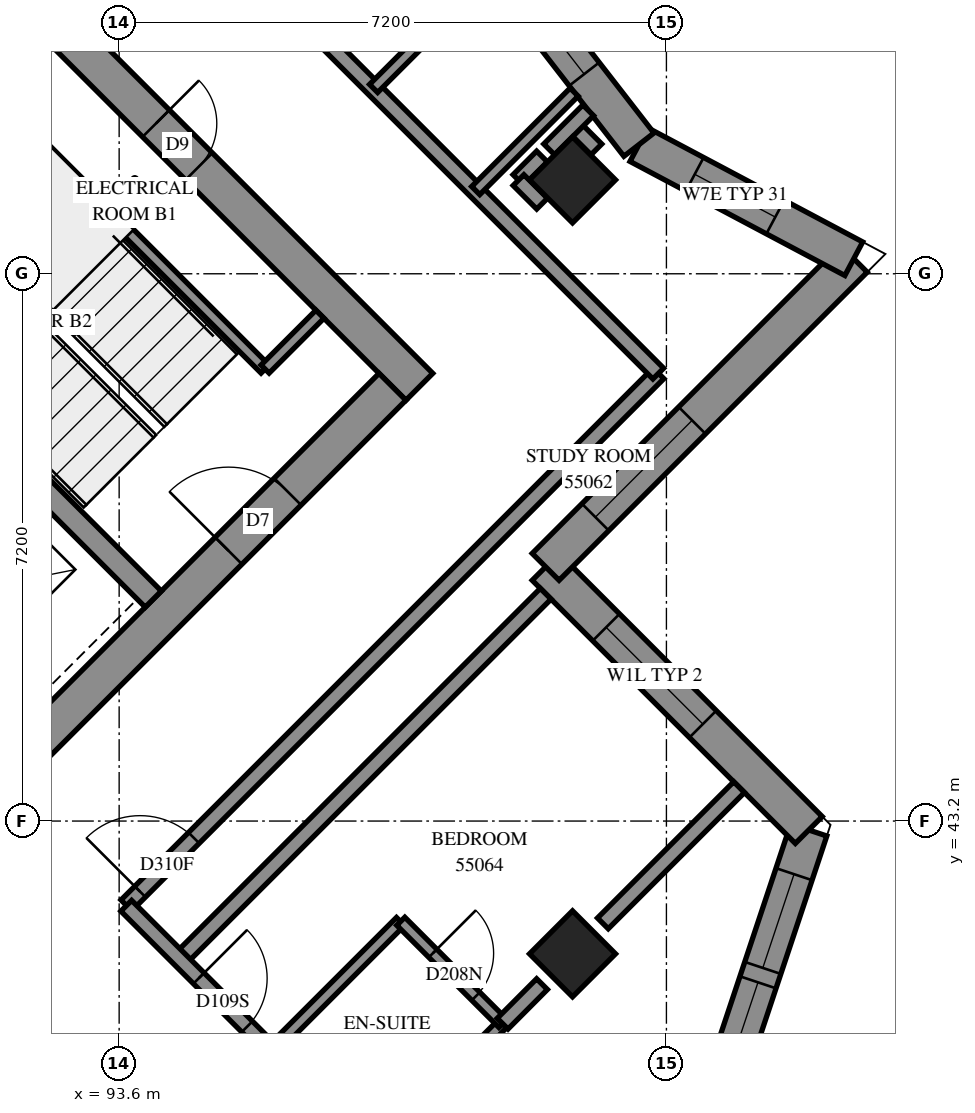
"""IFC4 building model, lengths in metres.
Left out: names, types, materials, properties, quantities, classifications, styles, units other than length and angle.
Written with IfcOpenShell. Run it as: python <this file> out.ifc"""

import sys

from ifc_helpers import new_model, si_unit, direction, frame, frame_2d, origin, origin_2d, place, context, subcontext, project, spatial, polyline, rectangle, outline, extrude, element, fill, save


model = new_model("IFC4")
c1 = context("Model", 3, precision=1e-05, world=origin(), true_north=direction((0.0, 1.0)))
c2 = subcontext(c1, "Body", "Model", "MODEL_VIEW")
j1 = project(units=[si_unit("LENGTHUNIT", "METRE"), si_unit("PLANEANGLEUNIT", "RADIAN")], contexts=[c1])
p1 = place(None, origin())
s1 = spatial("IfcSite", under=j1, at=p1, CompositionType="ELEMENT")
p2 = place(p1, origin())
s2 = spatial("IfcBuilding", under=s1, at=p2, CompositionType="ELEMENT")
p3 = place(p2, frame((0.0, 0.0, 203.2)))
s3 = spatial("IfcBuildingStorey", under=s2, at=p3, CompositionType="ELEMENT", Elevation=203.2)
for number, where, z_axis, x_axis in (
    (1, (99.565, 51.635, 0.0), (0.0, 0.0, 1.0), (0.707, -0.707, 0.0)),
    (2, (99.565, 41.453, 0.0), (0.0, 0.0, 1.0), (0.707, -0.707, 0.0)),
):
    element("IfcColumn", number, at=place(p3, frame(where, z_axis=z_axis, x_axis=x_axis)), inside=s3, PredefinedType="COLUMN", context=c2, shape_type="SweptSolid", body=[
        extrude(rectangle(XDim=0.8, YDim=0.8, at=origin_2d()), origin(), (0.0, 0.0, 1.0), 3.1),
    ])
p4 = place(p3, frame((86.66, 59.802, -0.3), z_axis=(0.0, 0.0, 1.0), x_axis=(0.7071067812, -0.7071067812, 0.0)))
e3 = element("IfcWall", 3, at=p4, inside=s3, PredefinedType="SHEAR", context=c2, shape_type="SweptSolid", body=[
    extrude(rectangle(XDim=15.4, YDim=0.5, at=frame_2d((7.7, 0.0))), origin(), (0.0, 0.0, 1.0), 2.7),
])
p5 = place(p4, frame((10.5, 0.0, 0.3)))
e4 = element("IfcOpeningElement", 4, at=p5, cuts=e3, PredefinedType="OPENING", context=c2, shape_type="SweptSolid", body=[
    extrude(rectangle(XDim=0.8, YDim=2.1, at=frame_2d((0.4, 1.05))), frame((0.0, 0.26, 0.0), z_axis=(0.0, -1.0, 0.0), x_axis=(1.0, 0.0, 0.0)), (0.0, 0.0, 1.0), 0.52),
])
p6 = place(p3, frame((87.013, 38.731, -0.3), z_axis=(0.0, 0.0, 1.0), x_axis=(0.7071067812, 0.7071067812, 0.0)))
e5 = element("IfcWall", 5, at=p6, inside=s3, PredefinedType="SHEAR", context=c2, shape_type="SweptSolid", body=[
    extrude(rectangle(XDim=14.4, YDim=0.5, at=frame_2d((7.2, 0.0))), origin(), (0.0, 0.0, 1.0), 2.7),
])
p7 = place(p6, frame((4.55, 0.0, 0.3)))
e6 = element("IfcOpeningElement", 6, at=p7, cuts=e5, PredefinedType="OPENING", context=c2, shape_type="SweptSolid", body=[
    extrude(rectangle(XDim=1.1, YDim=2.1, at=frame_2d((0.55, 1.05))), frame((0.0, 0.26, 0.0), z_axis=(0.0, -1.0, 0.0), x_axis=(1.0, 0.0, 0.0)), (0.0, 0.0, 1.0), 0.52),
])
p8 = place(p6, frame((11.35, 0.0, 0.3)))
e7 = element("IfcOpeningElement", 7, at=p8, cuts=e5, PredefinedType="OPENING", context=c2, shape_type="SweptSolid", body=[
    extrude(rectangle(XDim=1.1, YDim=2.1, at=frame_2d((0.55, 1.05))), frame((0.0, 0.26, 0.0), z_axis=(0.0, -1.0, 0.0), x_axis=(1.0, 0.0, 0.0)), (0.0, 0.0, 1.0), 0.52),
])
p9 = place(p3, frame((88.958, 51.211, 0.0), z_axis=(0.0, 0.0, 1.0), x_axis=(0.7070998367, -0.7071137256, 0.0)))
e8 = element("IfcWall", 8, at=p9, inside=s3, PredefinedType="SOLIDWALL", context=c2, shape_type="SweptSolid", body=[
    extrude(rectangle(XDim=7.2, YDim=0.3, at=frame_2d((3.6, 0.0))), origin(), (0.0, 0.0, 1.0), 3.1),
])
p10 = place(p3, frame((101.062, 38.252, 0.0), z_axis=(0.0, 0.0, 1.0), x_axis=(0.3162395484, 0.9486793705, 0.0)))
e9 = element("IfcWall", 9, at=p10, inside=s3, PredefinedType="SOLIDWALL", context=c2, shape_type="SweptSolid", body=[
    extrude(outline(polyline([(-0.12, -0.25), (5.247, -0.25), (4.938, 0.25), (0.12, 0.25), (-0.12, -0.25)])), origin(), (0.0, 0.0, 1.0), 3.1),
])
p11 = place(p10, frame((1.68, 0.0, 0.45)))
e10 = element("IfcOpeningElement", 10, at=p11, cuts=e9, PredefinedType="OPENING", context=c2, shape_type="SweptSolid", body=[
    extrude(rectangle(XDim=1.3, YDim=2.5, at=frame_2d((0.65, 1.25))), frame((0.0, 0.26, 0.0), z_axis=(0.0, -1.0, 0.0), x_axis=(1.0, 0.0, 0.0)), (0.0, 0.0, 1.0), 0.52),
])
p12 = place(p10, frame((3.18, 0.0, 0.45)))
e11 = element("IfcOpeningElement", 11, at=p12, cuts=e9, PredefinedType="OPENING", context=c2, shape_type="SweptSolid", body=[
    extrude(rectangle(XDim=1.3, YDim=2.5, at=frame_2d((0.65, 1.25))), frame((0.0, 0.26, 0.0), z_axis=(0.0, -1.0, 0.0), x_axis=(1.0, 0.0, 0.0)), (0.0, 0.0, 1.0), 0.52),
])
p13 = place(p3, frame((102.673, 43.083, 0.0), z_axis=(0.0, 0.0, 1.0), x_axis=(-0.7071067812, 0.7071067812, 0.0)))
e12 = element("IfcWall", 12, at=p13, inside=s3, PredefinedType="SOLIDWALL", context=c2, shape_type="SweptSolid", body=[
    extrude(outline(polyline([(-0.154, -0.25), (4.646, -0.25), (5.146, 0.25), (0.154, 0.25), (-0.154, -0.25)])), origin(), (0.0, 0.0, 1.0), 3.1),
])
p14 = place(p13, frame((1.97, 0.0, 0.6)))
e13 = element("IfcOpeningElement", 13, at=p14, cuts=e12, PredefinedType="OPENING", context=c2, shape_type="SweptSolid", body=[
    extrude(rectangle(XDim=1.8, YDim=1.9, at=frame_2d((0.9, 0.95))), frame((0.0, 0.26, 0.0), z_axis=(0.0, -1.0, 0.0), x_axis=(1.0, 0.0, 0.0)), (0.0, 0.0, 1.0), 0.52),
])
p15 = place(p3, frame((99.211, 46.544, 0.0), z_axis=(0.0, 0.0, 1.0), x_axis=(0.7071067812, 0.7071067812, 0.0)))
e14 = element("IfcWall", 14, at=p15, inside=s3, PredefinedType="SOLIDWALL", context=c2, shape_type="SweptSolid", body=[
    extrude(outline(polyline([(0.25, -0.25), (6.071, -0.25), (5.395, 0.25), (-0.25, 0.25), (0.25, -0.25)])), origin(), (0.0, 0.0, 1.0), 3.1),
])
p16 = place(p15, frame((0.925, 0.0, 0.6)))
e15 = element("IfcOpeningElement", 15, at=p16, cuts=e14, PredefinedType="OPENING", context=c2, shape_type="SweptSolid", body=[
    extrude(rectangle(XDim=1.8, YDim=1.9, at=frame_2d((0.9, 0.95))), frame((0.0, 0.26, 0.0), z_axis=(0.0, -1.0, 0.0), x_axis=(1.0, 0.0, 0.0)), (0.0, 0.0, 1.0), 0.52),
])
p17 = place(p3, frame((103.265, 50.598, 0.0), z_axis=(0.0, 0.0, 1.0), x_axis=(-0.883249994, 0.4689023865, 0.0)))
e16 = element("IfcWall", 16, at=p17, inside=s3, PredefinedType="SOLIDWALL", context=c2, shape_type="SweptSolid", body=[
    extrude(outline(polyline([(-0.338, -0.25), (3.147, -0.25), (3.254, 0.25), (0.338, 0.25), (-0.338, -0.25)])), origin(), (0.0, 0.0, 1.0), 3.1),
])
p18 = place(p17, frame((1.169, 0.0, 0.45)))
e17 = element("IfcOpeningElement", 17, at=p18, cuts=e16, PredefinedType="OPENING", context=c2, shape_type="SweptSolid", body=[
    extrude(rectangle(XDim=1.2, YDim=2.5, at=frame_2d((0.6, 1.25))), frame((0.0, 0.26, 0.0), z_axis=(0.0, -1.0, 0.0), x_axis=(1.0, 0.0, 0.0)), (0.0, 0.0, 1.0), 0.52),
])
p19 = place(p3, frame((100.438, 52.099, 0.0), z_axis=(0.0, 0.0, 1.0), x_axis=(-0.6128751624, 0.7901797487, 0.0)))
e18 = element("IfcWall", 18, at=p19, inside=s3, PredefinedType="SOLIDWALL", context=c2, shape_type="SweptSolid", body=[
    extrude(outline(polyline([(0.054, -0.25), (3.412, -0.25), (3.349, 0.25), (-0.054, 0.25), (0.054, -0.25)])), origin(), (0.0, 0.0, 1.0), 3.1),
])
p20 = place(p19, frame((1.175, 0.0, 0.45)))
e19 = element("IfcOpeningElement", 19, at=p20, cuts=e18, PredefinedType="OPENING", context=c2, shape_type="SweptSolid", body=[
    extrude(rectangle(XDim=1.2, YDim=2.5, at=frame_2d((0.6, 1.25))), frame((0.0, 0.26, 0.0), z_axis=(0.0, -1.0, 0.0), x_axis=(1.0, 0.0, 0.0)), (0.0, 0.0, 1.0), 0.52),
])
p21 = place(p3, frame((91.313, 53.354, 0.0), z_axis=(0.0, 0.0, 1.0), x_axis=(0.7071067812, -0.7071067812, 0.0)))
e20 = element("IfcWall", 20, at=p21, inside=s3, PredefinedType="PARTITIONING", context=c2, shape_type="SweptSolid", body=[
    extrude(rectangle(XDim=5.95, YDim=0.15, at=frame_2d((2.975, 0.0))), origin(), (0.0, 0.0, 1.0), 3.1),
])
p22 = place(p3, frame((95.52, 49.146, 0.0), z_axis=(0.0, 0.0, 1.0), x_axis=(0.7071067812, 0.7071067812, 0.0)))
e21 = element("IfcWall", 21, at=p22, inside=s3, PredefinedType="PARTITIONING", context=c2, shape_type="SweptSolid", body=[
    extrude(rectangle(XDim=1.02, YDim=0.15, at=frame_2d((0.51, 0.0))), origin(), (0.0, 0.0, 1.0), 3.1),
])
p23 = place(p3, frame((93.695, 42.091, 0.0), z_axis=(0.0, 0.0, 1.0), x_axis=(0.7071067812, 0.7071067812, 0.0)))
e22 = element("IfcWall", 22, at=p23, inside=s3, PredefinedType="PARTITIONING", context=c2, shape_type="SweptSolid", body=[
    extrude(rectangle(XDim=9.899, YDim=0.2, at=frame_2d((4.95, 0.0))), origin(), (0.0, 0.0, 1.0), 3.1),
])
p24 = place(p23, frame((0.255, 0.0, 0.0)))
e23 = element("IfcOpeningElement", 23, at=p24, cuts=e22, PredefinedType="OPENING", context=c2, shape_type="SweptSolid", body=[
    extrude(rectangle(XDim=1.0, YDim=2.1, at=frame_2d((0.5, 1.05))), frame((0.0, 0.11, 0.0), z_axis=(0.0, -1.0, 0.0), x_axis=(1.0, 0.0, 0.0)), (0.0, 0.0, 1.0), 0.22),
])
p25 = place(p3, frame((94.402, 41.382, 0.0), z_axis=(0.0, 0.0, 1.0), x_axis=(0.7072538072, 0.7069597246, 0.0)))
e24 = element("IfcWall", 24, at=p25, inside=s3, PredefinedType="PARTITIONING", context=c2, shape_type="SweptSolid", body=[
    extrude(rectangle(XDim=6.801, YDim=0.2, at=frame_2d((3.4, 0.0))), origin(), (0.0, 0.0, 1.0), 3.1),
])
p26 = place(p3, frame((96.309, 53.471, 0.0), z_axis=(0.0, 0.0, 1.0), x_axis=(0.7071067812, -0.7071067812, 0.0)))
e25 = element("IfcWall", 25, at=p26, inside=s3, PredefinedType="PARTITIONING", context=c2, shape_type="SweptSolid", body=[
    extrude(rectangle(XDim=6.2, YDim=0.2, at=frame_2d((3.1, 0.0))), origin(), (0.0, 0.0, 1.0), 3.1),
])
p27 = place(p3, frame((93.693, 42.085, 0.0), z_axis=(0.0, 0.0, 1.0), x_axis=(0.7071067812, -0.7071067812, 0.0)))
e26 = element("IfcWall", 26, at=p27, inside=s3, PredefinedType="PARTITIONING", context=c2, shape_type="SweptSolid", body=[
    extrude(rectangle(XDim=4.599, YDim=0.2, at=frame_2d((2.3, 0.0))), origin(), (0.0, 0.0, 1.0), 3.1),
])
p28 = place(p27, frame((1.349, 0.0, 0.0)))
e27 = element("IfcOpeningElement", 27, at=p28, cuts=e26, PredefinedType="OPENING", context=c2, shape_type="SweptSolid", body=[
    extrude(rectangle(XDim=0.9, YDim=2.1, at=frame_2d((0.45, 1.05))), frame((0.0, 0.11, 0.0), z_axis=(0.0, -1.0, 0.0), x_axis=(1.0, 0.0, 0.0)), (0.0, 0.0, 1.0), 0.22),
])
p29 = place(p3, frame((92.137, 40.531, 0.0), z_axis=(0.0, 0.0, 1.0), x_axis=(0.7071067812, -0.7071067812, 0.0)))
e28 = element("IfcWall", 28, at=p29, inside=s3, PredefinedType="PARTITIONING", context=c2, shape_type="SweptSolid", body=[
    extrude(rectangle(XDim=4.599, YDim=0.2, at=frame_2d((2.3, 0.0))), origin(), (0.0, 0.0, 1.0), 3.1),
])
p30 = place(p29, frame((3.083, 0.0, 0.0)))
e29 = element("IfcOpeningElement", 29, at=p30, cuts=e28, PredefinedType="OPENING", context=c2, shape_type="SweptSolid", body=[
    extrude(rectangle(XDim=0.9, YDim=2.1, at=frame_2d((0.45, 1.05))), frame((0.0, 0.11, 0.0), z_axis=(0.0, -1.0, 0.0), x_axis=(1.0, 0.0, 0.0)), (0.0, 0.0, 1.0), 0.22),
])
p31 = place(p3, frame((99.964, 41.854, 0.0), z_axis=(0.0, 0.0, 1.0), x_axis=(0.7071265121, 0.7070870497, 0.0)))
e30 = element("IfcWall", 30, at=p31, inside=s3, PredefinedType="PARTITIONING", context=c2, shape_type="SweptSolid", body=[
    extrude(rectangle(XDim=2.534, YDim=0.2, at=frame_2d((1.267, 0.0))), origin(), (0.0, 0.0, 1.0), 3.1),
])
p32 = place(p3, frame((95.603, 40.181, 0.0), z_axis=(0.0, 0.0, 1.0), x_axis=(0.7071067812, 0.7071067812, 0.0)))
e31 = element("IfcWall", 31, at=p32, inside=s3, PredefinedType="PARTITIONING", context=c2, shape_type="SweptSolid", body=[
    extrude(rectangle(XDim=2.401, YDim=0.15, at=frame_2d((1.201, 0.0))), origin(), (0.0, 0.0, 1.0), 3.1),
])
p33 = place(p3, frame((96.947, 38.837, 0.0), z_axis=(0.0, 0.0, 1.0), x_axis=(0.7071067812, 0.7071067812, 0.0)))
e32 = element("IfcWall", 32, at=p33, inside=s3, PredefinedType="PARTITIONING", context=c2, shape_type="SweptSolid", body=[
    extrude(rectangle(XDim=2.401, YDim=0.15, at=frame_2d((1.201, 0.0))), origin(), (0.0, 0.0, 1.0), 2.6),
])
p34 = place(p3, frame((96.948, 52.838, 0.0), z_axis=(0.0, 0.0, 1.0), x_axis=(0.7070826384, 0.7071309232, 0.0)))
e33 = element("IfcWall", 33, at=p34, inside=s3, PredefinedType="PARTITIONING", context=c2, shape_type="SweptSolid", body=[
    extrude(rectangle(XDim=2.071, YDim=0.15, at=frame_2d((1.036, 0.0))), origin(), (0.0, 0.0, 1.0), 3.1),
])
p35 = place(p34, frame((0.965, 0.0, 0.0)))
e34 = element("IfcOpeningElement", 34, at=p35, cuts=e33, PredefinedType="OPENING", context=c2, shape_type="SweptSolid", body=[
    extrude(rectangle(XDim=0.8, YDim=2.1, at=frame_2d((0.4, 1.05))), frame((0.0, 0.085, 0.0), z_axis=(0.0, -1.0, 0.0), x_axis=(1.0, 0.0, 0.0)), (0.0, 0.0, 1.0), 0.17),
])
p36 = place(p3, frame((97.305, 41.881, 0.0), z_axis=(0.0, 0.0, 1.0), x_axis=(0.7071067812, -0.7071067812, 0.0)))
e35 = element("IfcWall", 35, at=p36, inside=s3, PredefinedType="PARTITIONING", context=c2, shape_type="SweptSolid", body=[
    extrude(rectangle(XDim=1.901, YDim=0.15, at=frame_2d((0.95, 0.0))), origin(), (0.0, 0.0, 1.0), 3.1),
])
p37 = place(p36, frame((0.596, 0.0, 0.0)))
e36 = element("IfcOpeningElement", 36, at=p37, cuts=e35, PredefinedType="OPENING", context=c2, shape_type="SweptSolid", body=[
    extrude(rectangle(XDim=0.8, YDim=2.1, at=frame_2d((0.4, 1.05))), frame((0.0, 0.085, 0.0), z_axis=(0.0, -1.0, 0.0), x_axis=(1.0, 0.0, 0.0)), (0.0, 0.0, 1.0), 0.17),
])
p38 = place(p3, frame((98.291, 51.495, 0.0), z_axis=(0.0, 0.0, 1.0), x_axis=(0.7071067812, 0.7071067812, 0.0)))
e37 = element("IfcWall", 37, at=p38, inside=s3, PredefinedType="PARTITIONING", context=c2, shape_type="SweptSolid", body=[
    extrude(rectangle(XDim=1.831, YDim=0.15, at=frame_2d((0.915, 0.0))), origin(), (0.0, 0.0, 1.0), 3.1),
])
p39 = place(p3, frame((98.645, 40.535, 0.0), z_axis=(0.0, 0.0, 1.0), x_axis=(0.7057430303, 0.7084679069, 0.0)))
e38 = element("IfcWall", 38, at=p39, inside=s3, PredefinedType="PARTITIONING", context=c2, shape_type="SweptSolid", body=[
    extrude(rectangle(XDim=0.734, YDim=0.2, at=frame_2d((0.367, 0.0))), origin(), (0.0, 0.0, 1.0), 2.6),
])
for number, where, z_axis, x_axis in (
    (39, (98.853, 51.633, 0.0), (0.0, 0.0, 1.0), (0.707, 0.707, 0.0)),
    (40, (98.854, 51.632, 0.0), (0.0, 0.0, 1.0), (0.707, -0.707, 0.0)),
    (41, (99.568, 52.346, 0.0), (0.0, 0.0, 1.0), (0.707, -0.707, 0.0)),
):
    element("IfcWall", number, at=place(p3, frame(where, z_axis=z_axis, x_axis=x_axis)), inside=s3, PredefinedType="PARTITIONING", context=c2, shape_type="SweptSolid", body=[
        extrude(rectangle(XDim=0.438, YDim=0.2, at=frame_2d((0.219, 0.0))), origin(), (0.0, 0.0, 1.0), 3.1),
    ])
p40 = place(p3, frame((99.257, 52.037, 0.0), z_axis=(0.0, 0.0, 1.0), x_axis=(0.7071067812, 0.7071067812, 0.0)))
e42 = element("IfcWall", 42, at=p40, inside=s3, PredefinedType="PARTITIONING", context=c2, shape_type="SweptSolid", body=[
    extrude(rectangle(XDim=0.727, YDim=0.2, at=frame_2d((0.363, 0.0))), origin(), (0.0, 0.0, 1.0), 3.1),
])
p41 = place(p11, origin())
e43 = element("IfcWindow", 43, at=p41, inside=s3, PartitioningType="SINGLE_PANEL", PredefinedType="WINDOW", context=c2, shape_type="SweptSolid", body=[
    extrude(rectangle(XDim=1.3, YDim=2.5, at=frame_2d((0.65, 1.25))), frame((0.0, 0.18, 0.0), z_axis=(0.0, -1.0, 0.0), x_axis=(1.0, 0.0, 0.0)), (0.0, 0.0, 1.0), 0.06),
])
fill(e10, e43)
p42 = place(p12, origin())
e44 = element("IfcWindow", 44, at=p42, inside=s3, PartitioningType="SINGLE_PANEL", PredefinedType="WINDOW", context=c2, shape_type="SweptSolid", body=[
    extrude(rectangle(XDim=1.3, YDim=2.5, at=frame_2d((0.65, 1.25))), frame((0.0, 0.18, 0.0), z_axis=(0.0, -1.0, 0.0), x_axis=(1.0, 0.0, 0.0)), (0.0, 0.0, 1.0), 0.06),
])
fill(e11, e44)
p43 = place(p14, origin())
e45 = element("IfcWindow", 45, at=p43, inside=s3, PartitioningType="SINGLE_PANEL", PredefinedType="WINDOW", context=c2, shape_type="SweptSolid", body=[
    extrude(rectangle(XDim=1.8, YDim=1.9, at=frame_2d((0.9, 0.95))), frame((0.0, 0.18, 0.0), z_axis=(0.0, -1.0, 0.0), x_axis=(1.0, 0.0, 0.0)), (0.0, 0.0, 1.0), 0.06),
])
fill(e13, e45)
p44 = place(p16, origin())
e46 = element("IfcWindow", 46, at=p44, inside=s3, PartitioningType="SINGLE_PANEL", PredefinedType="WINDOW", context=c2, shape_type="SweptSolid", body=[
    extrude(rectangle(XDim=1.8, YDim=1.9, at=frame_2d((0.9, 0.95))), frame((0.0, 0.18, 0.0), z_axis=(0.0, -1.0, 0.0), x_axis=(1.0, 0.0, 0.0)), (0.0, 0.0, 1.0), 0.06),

::::

**TASK STATEMENT**
Each line that contains the string "SHEAR" should be copied from the data above.

**WRITTEN SOLUTION**
e3 = element("IfcWall", 3, at=p4, inside=s3, PredefinedType="SHEAR", context=c2, shape_type="SweptSolid", body=[
e5 = element("IfcWall", 5, at=p6, inside=s3, PredefinedType="SHEAR", context=c2, shape_type="SweptSolid", body=[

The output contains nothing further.